TRY IT
Your task is to count the lines of the records that contain "OperationType". Answer with the number and nothing else.

EXTRACTED RECORDS
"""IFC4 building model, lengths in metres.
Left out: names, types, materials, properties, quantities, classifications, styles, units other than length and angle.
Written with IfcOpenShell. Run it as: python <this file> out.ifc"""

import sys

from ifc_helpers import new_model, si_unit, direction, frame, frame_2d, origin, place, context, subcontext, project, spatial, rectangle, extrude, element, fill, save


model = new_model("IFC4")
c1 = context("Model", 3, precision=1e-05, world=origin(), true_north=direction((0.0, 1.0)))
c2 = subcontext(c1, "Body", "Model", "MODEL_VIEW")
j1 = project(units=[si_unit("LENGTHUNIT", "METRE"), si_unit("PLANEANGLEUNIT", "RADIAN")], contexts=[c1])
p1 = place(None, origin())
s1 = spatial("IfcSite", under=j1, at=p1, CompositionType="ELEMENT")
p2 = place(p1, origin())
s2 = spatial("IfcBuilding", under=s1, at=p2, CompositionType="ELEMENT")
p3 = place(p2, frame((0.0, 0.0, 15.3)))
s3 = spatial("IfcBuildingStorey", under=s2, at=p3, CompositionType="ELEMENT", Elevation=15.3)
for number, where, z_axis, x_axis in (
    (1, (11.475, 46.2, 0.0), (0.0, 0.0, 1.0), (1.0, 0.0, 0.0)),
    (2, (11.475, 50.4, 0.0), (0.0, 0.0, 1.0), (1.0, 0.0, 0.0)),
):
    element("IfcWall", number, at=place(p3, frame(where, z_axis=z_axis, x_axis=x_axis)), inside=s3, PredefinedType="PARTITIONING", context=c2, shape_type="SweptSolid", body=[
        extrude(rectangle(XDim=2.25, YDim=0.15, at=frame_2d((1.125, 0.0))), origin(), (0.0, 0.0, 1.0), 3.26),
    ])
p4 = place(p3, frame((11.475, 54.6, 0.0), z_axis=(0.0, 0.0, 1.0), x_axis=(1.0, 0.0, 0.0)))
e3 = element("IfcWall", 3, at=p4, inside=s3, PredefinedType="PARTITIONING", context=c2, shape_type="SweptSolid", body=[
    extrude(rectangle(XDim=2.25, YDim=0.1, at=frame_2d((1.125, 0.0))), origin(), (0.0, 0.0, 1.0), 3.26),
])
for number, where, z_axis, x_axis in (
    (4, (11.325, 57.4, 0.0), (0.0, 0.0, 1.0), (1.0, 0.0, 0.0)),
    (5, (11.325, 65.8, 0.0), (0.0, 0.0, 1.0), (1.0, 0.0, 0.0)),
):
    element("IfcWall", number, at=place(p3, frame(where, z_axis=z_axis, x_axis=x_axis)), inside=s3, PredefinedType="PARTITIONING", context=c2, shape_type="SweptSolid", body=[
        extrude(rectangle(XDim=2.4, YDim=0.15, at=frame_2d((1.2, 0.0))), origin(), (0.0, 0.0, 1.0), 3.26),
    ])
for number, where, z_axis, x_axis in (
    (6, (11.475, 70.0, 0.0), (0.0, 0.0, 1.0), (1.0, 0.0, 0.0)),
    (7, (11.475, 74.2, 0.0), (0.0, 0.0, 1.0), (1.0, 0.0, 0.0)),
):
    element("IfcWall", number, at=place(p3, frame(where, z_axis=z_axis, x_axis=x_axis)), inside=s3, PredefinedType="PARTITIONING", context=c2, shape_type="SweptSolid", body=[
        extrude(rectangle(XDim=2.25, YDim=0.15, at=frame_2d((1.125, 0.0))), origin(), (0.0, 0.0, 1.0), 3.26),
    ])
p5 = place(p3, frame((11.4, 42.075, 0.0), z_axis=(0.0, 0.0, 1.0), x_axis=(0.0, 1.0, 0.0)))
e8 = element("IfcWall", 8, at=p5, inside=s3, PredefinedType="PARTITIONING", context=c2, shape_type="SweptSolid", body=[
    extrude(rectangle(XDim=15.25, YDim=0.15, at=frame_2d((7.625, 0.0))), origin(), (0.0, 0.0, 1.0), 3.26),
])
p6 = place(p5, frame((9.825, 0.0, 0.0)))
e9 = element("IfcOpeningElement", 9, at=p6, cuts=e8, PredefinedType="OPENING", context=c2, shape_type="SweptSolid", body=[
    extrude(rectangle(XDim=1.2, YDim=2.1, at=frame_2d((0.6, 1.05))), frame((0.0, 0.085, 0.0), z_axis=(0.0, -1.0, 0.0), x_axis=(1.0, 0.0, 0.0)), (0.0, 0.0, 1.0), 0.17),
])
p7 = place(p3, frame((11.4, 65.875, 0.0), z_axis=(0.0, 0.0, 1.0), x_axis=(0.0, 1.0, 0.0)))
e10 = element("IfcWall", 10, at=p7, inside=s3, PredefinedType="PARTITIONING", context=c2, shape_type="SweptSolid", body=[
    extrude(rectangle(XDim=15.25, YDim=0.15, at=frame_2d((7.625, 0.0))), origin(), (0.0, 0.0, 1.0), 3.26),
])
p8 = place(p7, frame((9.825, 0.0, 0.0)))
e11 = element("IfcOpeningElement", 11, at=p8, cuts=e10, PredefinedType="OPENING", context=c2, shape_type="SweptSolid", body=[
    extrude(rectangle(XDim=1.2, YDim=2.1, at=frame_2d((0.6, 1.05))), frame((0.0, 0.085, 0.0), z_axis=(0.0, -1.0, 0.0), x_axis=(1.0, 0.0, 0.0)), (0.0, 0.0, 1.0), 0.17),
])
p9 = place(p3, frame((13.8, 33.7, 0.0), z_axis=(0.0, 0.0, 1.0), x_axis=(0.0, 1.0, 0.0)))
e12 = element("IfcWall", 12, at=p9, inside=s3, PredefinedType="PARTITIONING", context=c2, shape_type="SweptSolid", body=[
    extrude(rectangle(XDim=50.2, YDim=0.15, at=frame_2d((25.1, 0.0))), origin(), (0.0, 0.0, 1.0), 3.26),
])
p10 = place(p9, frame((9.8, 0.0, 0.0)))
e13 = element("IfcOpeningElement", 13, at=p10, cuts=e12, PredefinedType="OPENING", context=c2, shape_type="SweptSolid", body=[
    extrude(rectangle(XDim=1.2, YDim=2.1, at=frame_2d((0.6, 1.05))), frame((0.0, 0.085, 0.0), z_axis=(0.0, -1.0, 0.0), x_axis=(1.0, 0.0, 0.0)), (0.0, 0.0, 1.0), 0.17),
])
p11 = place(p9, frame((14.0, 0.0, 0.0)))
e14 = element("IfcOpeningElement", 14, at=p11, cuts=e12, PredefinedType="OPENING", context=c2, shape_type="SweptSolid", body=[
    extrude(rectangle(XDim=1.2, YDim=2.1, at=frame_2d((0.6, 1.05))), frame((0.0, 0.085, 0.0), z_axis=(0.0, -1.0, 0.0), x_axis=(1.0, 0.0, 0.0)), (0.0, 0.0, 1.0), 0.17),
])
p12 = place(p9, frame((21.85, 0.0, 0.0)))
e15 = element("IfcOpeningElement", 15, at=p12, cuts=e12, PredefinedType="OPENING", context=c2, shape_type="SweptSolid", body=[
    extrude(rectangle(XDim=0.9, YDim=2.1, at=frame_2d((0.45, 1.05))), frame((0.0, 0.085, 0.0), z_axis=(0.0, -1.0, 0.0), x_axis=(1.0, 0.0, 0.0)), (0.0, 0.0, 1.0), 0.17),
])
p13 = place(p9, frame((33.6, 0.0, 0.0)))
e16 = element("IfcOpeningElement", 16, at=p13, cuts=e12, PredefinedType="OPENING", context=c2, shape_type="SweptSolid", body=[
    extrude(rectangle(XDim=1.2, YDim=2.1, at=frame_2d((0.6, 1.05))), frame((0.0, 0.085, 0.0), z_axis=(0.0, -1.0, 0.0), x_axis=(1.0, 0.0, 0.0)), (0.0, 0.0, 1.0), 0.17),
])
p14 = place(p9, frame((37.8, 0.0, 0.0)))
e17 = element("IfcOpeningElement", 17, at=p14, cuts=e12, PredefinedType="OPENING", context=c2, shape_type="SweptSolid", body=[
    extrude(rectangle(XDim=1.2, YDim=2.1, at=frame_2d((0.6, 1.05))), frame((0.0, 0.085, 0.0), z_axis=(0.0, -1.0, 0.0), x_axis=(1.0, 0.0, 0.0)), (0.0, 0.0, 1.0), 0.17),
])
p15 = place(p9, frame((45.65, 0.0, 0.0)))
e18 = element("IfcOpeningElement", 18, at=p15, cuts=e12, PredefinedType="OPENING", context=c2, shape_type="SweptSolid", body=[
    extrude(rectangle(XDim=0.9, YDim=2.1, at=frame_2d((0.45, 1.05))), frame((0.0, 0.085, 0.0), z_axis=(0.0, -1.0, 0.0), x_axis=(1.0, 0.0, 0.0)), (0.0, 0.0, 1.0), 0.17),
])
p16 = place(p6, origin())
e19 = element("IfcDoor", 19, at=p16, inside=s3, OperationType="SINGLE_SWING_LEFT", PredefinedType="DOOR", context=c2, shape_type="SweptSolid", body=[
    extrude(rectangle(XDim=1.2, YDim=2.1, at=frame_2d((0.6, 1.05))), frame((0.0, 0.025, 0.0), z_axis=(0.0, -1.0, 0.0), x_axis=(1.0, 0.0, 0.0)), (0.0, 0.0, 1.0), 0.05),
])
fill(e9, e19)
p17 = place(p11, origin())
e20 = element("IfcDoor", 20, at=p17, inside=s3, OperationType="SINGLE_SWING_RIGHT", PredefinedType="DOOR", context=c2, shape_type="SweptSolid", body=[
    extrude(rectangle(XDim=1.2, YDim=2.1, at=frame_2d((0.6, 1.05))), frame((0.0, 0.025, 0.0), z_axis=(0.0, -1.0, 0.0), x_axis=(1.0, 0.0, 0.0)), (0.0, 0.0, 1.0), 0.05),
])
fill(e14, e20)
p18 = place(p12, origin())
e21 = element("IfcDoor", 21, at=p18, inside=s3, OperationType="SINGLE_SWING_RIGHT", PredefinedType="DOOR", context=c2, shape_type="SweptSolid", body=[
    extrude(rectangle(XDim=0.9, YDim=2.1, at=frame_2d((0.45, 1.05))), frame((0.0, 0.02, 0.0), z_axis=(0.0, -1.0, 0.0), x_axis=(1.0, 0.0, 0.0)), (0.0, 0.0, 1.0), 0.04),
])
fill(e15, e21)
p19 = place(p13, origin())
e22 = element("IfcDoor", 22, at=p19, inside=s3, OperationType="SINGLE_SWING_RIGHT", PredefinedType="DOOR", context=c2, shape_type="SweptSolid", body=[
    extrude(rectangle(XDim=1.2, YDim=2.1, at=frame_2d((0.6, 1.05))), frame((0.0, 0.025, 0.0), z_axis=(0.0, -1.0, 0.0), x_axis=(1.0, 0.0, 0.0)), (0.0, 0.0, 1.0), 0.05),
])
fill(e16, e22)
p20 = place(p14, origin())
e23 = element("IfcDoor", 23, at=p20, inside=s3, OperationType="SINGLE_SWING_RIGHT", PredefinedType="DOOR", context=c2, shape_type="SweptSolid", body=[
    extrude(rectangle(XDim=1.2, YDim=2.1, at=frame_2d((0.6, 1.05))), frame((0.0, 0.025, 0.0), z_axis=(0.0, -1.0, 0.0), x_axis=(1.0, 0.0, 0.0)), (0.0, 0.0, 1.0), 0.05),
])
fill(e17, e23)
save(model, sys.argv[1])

TASK ANSWER
5